• **DESCRIPTION OF THE TASK**
Return every line of the listing that includes the string "direction".
##############################
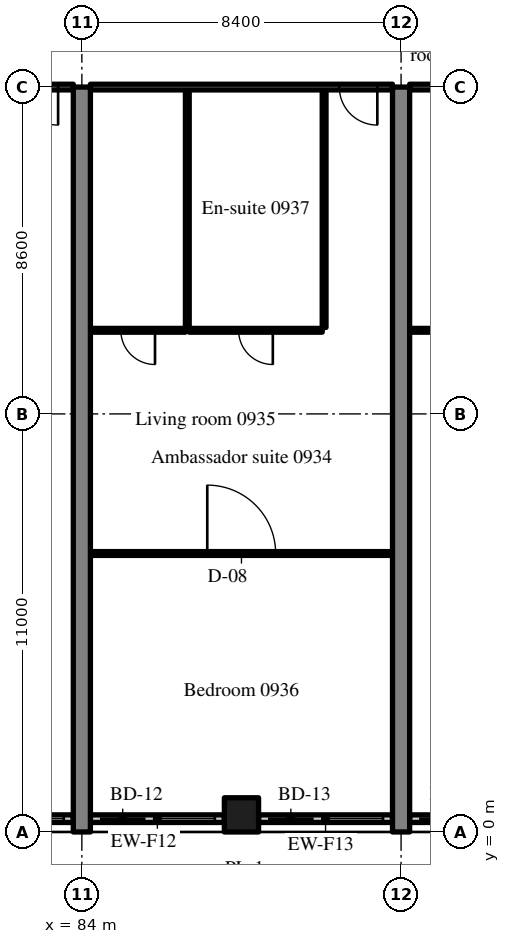
"""IFC4 building model, lengths in metres.
Left out: names, types, materials, properties, quantities, classifications, styles, units other than length and angle.
Written with IfcOpenShell. Run it as: python <this file> out.ifc"""

import sys

from ifc_helpers import new_model, si_unit, direction, frame, frame_2d, origin, origin_2d, place, context, subcontext, project, spatial, rectangle, extrude, source, transform, mapped, element, fill, save


model = new_model("IFC4")
c1 = context("Model", 3, precision=1e-05, world=origin(), true_north=direction((0.0, 1.0)))
c2 = subcontext(c1, "Body", "Model", "MODEL_VIEW")
j1 = project(units=[si_unit("LENGTHUNIT", "METRE"), si_unit("PLANEANGLEUNIT", "RADIAN")], contexts=[c1])
p1 = place(None, origin())
s1 = spatial("IfcSite", under=j1, at=p1, CompositionType="ELEMENT")
p2 = place(p1, origin())
s2 = spatial("IfcBuilding", under=s1, at=p2, CompositionType="ELEMENT")
p3 = place(p2, frame((0.0, 0.0, 43.0)))
s3 = spatial("IfcBuildingStorey", under=s2, at=p3, CompositionType="ELEMENT", Elevation=43.0)
m1 = source(origin(), c2, "Body", "SweptSolid", [
    extrude(rectangle(XDim=19.6, YDim=0.45, at=frame_2d((9.8, 0.0))), origin(), (0.0, 0.0, 1.0), 3.52),
])
for number, where, z_axis, x_axis in (
    (1, (84.0, 0.0, 0.0), (0.0, 0.0, 1.0), (0.0, 1.0, 0.0)),
    (2, (92.4, 0.0, 0.0), (0.0, 0.0, 1.0), (0.0, 1.0, 0.0)),
):
    element("IfcWall", number, at=place(p3, frame(where, z_axis=z_axis, x_axis=x_axis)), inside=s3, PredefinedType="SHEAR", context=c2, shape_type="MappedRepresentation", body=[
        mapped(m1, transform((0.0, 0.0, 0.0), scale=1.0)),
    ])
m2 = source(origin(), c2, "Body", "SweptSolid", [
    extrude(rectangle(XDim=0.9, YDim=0.9, at=origin_2d()), origin(), (0.0, 0.0, 1.0), 3.52),
])
p4 = place(p3, frame((88.2, 0.45, 0.0), z_axis=(0.0, 0.0, 1.0), x_axis=(1.0, 0.0, 0.0)))
e3 = element("IfcColumn", 3, at=p4, inside=s3, PredefinedType="COLUMN", context=c2, shape_type="MappedRepresentation", body=[
    mapped(m2, transform((0.0, 0.0, 0.0), scale=1.0)),
])
m3 = source(origin(), c2, "Body", "SweptSolid", [
    extrude(rectangle(XDim=3.525, YDim=0.2, at=frame_2d((1.762, 0.0))), origin(), (0.0, 0.0, 1.0), 2.82),
])
p5 = place(p3, frame((80.25, 0.35, 0.0), z_axis=(0.0, 0.0, 1.0), x_axis=(1.0, 0.0, 0.0)))
e4 = element("IfcWall", 4, at=p5, inside=s3, PredefinedType="SOLIDWALL", context=c2, shape_type="MappedRepresentation", body=[
    mapped(m3, transform((0.0, 0.0, 0.0), scale=1.0)),
])
m4 = source(origin(), c2, "Body", "SweptSolid", [
    extrude(rectangle(XDim=1.2, YDim=2.4, at=frame_2d((0.6, 1.2))), frame((0.0, 0.11, 0.0), z_axis=(0.0, -1.0, 0.0), x_axis=(1.0, 0.0, 0.0)), (0.0, 0.0, 1.0), 0.22),
])
p6 = place(p5, frame((0.25, 0.0, 0.0)))
e5 = element("IfcOpeningElement", 5, at=p6, cuts=e4, PredefinedType="OPENING", context=c2, shape_type="MappedRepresentation", body=[
    mapped(m4, transform((0.0, 0.0, 0.0), scale=1.0)),
])
m5 = source(origin(), c2, "Body", "SweptSolid", [
    extrude(rectangle(XDim=1.5, YDim=1.5, at=frame_2d((0.75, 0.75))), frame((0.0, 0.11, 0.0), z_axis=(0.0, -1.0, 0.0), x_axis=(1.0, 0.0, 0.0)), (0.0, 0.0, 1.0), 0.22),
])
p7 = place(p5, frame((1.775, 0.0, 0.9)))
e6 = element("IfcOpeningElement", 6, at=p7, cuts=e4, PredefinedType="OPENING", context=c2, shape_type="MappedRepresentation", body=[
    mapped(m5, transform((0.0, 0.0, 0.0), scale=1.0)),
])
p8 = place(p3, frame((84.225, 0.35, 0.0), z_axis=(0.0, 0.0, 1.0), x_axis=(1.0, 0.0, 0.0)))
e7 = element("IfcWall", 7, at=p8, inside=s3, PredefinedType="SOLIDWALL", context=c2, shape_type="MappedRepresentation", body=[
    mapped(m3, transform((0.0, 0.0, 0.0), scale=1.0)),
])
p9 = place(p8, frame((0.25, 0.0, 0.0)))
e8 = element("IfcOpeningElement", 8, at=p9, cuts=e7, PredefinedType="OPENING", context=c2, shape_type="MappedRepresentation", body=[
    mapped(m4, transform((0.0, 0.0, 0.0), scale=1.0)),
])
p10 = place(p8, frame((1.775, 0.0, 0.9)))
e9 = element("IfcOpeningElement", 9, at=p10, cuts=e7, PredefinedType="OPENING", context=c2, shape_type="MappedRepresentation", body=[
    mapped(m5, transform((0.0, 0.0, 0.0), scale=1.0)),
])
m6 = source(origin(), c2, "Body", "SweptSolid", [
    extrude(rectangle(XDim=3.525, YDim=0.2, at=frame_2d((1.763, 0.0))), origin(), (0.0, 0.0, 1.0), 2.82),
])
p11 = place(p3, frame((88.65, 0.35, 0.0), z_axis=(0.0, 0.0, 1.0), x_axis=(1.0, 0.0, 0.0)))
e10 = element("IfcWall", 10, at=p11, inside=s3, PredefinedType="SOLIDWALL", context=c2, shape_type="MappedRepresentation", body=[
    mapped(m6, transform((0.0, 0.0, 0.0), scale=1.0)),
])
p12 = place(p11, frame((0.25, 0.0, 0.0)))
e11 = element("IfcOpeningElement", 11, at=p12, cuts=e10, PredefinedType="OPENING", context=c2, shape_type="MappedRepresentation", body=[
    mapped(m4, transform((0.0, 0.0, 0.0), scale=1.0)),
])
p13 = place(p11, frame((1.775, 0.0, 0.9)))
e12 = element("IfcOpeningElement", 12, at=p13, cuts=e10, PredefinedType="OPENING", context=c2, shape_type="MappedRepresentation", body=[
    mapped(m5, transform((0.0, 0.0, 0.0), scale=1.0)),
])
m7 = source(origin(), c2, "Body", "SweptSolid", [
    extrude(rectangle(XDim=4.03, YDim=0.2, at=frame_2d((2.015, 0.0))), origin(), (0.0, 0.0, 1.0), 2.82),
])
p14 = place(p3, frame((92.625, 0.35, 0.0), z_axis=(0.0, 0.0, 1.0), x_axis=(1.0, 0.0, 0.0)))
e13 = element("IfcWall", 13, at=p14, inside=s3, PredefinedType="SOLIDWALL", context=c2, shape_type="MappedRepresentation", body=[
    mapped(m7, transform((0.0, 0.0, 0.0), scale=1.0)),
])
p15 = place(p14, frame((0.25, 0.0, 0.0)))
e14 = element("IfcOpeningElement", 14, at=p15, cuts=e13, PredefinedType="OPENING", context=c2, shape_type="MappedRepresentation", body=[
    mapped(m4, transform((0.0, 0.0, 0.0), scale=1.0)),
])
p16 = place(p14, frame((2.28, 0.0, 0.9)))
e15 = element("IfcOpeningElement", 15, at=p16, cuts=e13, PredefinedType="OPENING", context=c2, shape_type="MappedRepresentation", body=[
    mapped(m5, transform((0.0, 0.0, 0.0), scale=1.0)),
])
m8 = source(origin(), c2, "Body", "SweptSolid", [
    extrude(rectangle(XDim=3.9, YDim=0.15, at=frame_2d((1.95, 0.0))), origin(), (0.0, 0.0, 1.0), 2.82),
])
p17 = place(p3, frame((79.875, 19.6, 0.0), z_axis=(0.0, 0.0, 1.0), x_axis=(1.0, 0.0, 0.0)))
e16 = element("IfcWall", 16, at=p17, inside=s3, PredefinedType="PARTITIONING", context=c2, shape_type="MappedRepresentation", body=[
    mapped(m8, transform((0.0, 0.0, 0.0), scale=1.0)),
])
m9 = source(origin(), c2, "Body", "SweptSolid", [
    extrude(rectangle(XDim=1.0, YDim=2.1, at=frame_2d((0.5, 1.05))), frame((0.0, 0.085, 0.0), z_axis=(0.0, -1.0, 0.0), x_axis=(1.0, 0.0, 0.0)), (0.0, 0.0, 1.0), 0.17),
])
p18 = place(p17, frame((2.5, 0.0, 0.0)))
e17 = element("IfcOpeningElement", 17, at=p18, cuts=e16, PredefinedType="OPENING", context=c2, shape_type="MappedRepresentation", body=[
    mapped(m9, transform((0.0, 0.0, 0.0), scale=1.0)),
])
m10 = source(origin(), c2, "Body", "SweptSolid", [
    extrude(rectangle(XDim=6.25, YDim=0.1, at=frame_2d((3.125, 0.0))), origin(), (0.0, 0.0, 1.0), 3.52),
])
for number, where, z_axis, x_axis in (
    (18, (90.375, 13.275, 0.0), (0.0, 0.0, 1.0), (0.0, 1.0, 0.0)),
    (19, (86.775, 13.275, 0.0), (0.0, 0.0, 1.0), (0.0, 1.0, 0.0)),
):
    element("IfcWall", number, at=place(p3, frame(where, z_axis=z_axis, x_axis=x_axis)), inside=s3, PredefinedType="PARTITIONING", context=c2, shape_type="MappedRepresentation", body=[
        mapped(m10, transform((0.0, 0.0, 0.0), scale=1.0)),
    ])
m11 = source(origin(), c2, "Body", "SweptSolid", [
    extrude(rectangle(XDim=3.5, YDim=0.1, at=frame_2d((1.75, 0.0))), origin(), (0.0, 0.0, 1.0), 3.52),
])
p19 = place(p3, frame((86.825, 13.2, 0.0), z_axis=(0.0, 0.0, 1.0), x_axis=(1.0, 0.0, 0.0)))
e20 = element("IfcWall", 20, at=p19, inside=s3, PredefinedType="PARTITIONING", context=c2, shape_type="MappedRepresentation", body=[
    mapped(m11, transform((0.0, 0.0, 0.0), scale=1.0)),
])
m12 = source(origin(), c2, "Body", "SweptSolid", [
    extrude(rectangle(XDim=0.9, YDim=2.1, at=frame_2d((0.45, 1.05))), frame((0.0, 0.06, 0.0), z_axis=(0.0, -1.0, 0.0), x_axis=(1.0, 0.0, 0.0)), (0.0, 0.0, 1.0), 0.12),
])
p20 = place(p19, frame((1.3, 0.0, 0.0)))
e21 = element("IfcOpeningElement", 21, at=p20, cuts=e20, PredefinedType="OPENING", context=c2, shape_type="MappedRepresentation", body=[
    mapped(m12, transform((0.0, 0.0, 0.0), scale=1.0)),
])
m13 = source(origin(), c2, "Body", "SweptSolid", [
    extrude(rectangle(XDim=2.5, YDim=0.1, at=frame_2d((1.25, 0.0))), origin(), (0.0, 0.0, 1.0), 3.52),
])
p21 = place(p3, frame((84.225, 13.2, 0.0), z_axis=(0.0, 0.0, 1.0), x_axis=(1.0, 0.0, 0.0)))
e22 = element("IfcWall", 22, at=p21, inside=s3, PredefinedType="PARTITIONING", context=c2, shape_type="MappedRepresentation", body=[
    mapped(m13, transform((0.0, 0.0, 0.0), scale=1.0)),
])
p22 = place(p21, frame((0.8, 0.0, 0.0)))
e23 = element("IfcOpeningElement", 23, at=p22, cuts=e22, PredefinedType="OPENING", context=c2, shape_type="MappedRepresentation", body=[
    mapped(m12, transform((0.0, 0.0, 0.0), scale=1.0)),
])
m14 = source(origin(), c2, "Body", "SweptSolid", [
    extrude(rectangle(XDim=7.95, YDim=0.1, at=frame_2d((3.975, 0.0))), origin(), (0.0, 0.0, 1.0), 3.52),
])
p23 = place(p3, frame((84.225, 7.327, 0.0), z_axis=(0.0, 0.0, 1.0), x_axis=(1.0, 0.0, 0.0)))
e24 = element("IfcWall", 24, at=p23, inside=s3, PredefinedType="PARTITIONING", context=c2, shape_type="MappedRepresentation", body=[
    mapped(m14, transform((0.0, 0.0, 0.0), scale=1.0)),
])
m15 = source(origin(), c2, "Body", "SweptSolid", [
    extrude(rectangle(XDim=1.8, YDim=2.1, at=frame_2d((0.9, 1.05))), frame((0.0, 0.06, 0.0), z_axis=(0.0, -1.0, 0.0), x_axis=(1.0, 0.0, 0.0)), (0.0, 0.0, 1.0), 0.12),
])
p24 = place(p23, frame((3.075, 0.0, 0.0)))
e25 = element("IfcOpeningElement", 25, at=p24, cuts=e24, PredefinedType="OPENING", context=c2, shape_type="MappedRepresentation", body=[
    mapped(m15, transform((0.0, 0.0, 0.0), scale=1.0)),
])
m16 = source(origin(), c2, "Body", "SweptSolid", [
    extrude(rectangle(XDim=7.95, YDim=0.15, at=frame_2d((3.975, 0.0))), origin(), (0.0, 0.0, 1.0), 2.82),
])
p25 = place(p3, frame((84.225, 19.6, 0.0), z_axis=(0.0, 0.0, 1.0), x_axis=(1.0, 0.0, 0.0)))
e26 = element("IfcWall", 26, at=p25, inside=s3, PredefinedType="PARTITIONING", context=c2, shape_type="MappedRepresentation", body=[
    mapped(m16, transform((0.0, 0.0, 0.0), scale=1.0)),
])
p26 = place(p25, frame((6.55, 0.0, 0.0)))
e27 = element("IfcOpeningElement", 27, at=p26, cuts=e26, PredefinedType="OPENING", context=c2, shape_type="MappedRepresentation", body=[
    mapped(m9, transform((0.0, 0.0, 0.0), scale=1.0)),
])
m17 = source(origin(), c2, "Body", "SweptSolid", [
    extrude(rectangle(XDim=2.275, YDim=0.1, at=frame_2d((1.137, 0.0))), origin(), (0.0, 0.0, 1.0), 3.52),
])
p27 = place(p3, frame((92.625, 13.2, 0.0), z_axis=(0.0, 0.0, 1.0), x_axis=(1.0, 0.0, 0.0)))
e28 = element("IfcWall", 28, at=p27, inside=s3, PredefinedType="PARTITIONING", context=c2, shape_type="MappedRepresentation", body=[
    mapped(m17, transform((0.0, 0.0, 0.0), scale=1.0)),
])
p28 = place(p27, frame((0.688, 0.0, 0.0)))
e29 = element("IfcOpeningElement", 29, at=p28, cuts=e28, PredefinedType="OPENING", context=c2, shape_type="MappedRepresentation", body=[
    mapped(m12, transform((0.0, 0.0, 0.0), scale=1.0)),
])
m18 = source(origin(), c2, "Body", "SweptSolid", [
    extrude(rectangle(XDim=7.725, YDim=0.15, at=frame_2d((3.863, 0.0))), origin(), (0.0, 0.0, 1.0), 2.82),
])
p29 = place(p3, frame((92.625, 19.6, 0.0), z_axis=(0.0, 0.0, 1.0), x_axis=(1.0, 0.0, 0.0)))
e30 = element("IfcWall", 30, at=p29, inside=s3, PredefinedType="PARTITIONING", context=c2, shape_type="MappedRepresentation", body=[
    mapped(m18, transform((0.0, 0.0, 0.0), scale=1.0)),
])
p30 = place(p29, frame((6.325, 0.0, 0.0)))
e31 = element("IfcOpeningElement", 31, at=p30, cuts=e30, PredefinedType="OPENING", context=c2, shape_type="MappedRepresentation", body=[
    mapped(m9, transform((0.0, 0.0, 0.0), scale=1.0)),
])
m19 = source(origin(), c2, "Body", "SweptSolid", [
    extrude(rectangle(XDim=1.5, YDim=1.5, at=frame_2d((0.75, 0.75))), frame((0.0, 0.03, 0.0), z_axis=(0.0, -1.0, 0.0), x_axis=(1.0, 0.0, 0.0)), (0.0, 0.0, 1.0), 0.06),
])
p31 = place(p7, origin())
e32 = element("IfcWindow", 32, at=p31, inside=s3, PartitioningType="SINGLE_PANEL", PredefinedType="WINDOW", context=c2, shape_type="MappedRepresentation", body=[
    mapped(m19, transform((0.0, 0.0, 0.0), scale=1.0)),
])
fill(e6, e32)
m20 = source(origin(), c2, "Body", "SweptSolid", [
    extrude(rectangle(XDim=1.2, YDim=2.4, at=frame_2d((0.6, 1.2))), frame((0.0, 0.025, 0.0), z_axis=(0.0, -1.0, 0.0), x_axis=(1.0, 0.0, 0.0)), (0.0, 0.0, 1.0), 0.05),
])
p32 = place(p9, origin())
e33 = element("IfcDoor", 33, at=p32, inside=s3, OperationType="SLIDING_TO_RIGHT", PredefinedType="DOOR", context=c2, shape_type="MappedRepresentation", body=[
    mapped(m20, transform((0.0, 0.0, 0.0), scale=1.0)),
])
fill(e8, e33)
p33 = place(p10, origin())
e34 = element("IfcWindow", 34, at=p33, inside=s3, PartitioningType="SINGLE_PANEL", PredefinedType="WINDOW", context=c2, shape_type="MappedRepresentation", body=[
    mapped(m19, transform((0.0, 0.0, 0.0), scale=1.0)),
])
fill(e9, e34)
p34 = place(p12, origin())
e35 = element("IfcDoor", 35, at=p34, inside=s3, OperationType="SLIDING_TO_LEFT", PredefinedType="DOOR", context=c2, shape_type="MappedRepresentation", body=[
    mapped(m20, transform((0.0, 0.0, 0.0), scale=1.0)),
])
fill(e11, e35)
p35 = place(p13, origin())
e36 = element("IfcWindow", 36, at=p35, inside=s3, PartitioningType="SINGLE_PANEL", PredefinedType="WINDOW", context=c2, shape_type="MappedRepresentation", body=[
    mapped(m19, transform((0.0, 0.0, 0.0), scale=1.0)),
])
fill(e12, e36)
p36 = place(p15, origin())
e37 = element("IfcDoor", 37, at=p36, inside=s3, OperationType="SLIDING_TO_RIGHT", PredefinedType="DOOR", context=c2, shape_type="MappedRepresentation", body=[
    mapped(m20, transform((0.0, 0.0, 0.0), scale=1.0)),
])
fill(e14, e37)
m21 = source(origin(), c2, "Body", "SweptSolid", [
    extrude(rectangle(XDim=1.0, YDim=2.1, at=frame_2d((0.5, 1.05))), frame((0.0, 0.025, 0.0), z_axis=(0.0, -1.0, 0.0), x_axis=(1.0, 0.0, 0.0)), (0.0, 0.0, 1.0), 0.05),
])
p37 = place(p18, origin())
e38 = element("IfcDoor", 38, at=p37, inside=s3, OperationType="SINGLE_SWING_RIGHT", PredefinedType="DOOR", context=c2, shape_type="MappedRepresentation", body=[
    mapped(m21, transform((0.0, 0.0, 0.0), scale=1.0)),
])
fill(e17, e38)
m22 = source(origin(), c2, "Body", "SweptSolid", [
    extrude(rectangle(XDim=0.9, YDim=2.1, at=frame_2d((0.45, 1.05))), frame((0.0, 0.025, 0.0), z_axis=(0.0, -1.0, 0.0), x_axis=(1.0, 0.0, 0.0)), (0.0, 0.0, 1.0), 0.05),
])
p38 = place(p20, origin())
e39 = element("IfcDoor", 39, at=p38, inside=s3, OperationType="SINGLE_SWING_RIGHT", PredefinedType="DOOR", context=c2, shape_type="MappedRepresentation", body=[
    mapped(m22, transform((0.0, 0.0, 0.0), scale=1.0)),
])
fill(e21, e39)
p39 = place(p22, origin())
e40 = element("IfcDoor", 40, at=p39, inside=s3, OperationType="SINGLE_SWING_RIGHT", PredefinedType="DOOR", context=c2, shape_type="MappedRepresentation", body=[
    mapped(m22, transform((0.0, 0.0, 0.0), scale=1.0)),
])
fill(e23, e40)
m23 = source(origin(), c2, "Body", "SweptSolid", [
    extrude(rectangle(XDim=1.8, YDim=2.1, at=frame_2d((0.9, 1.05))), frame((0.0, 0.025, 0.0), z_axis=(0.0, -1.0, 0.0), x_axis=(1.0, 0.0, 0.0)), (0.0, 0.0, 1.0), 0.05),
])
p40 = place(p24, origin())
e41 = element("IfcDoor", 41, at=p40, inside=s3, OperationType="DOUBLE_DOOR_SINGLE_SWING", PredefinedType="DOOR", context=c2, shape_type="MappedRepresentation", body=[
    mapped(m23, transform((0.0, 0.0, 0.0), scale=1.0)),
])
fill(e25, e41)
p41 = place(p26, origin())
e42 = element("IfcDoor", 42, at=p41, inside=s3, OperationType="SINGLE_SWING_RIGHT", PredefinedType="DOOR", context=c2, shape_type="MappedRepresentation", body=[
    mapped(m21, transform((0.0, 0.0, 0.0), scale=1.0)),
])
fill(e27, e42)
save(model, sys.argv[1])
##############################
• **ANSWER FOR THIS EXERCISE**
from ifc_helpers import new_model, si_unit, direction, frame, frame_2d, origin, origin_2d, place, context, subcontext, project, spatial, rectangle, extrude, source, transform, mapped, element, fill, save
c1 = context("Model", 3, precision=1e-05, world=origin(), true_north=direction((0.0, 1.0)))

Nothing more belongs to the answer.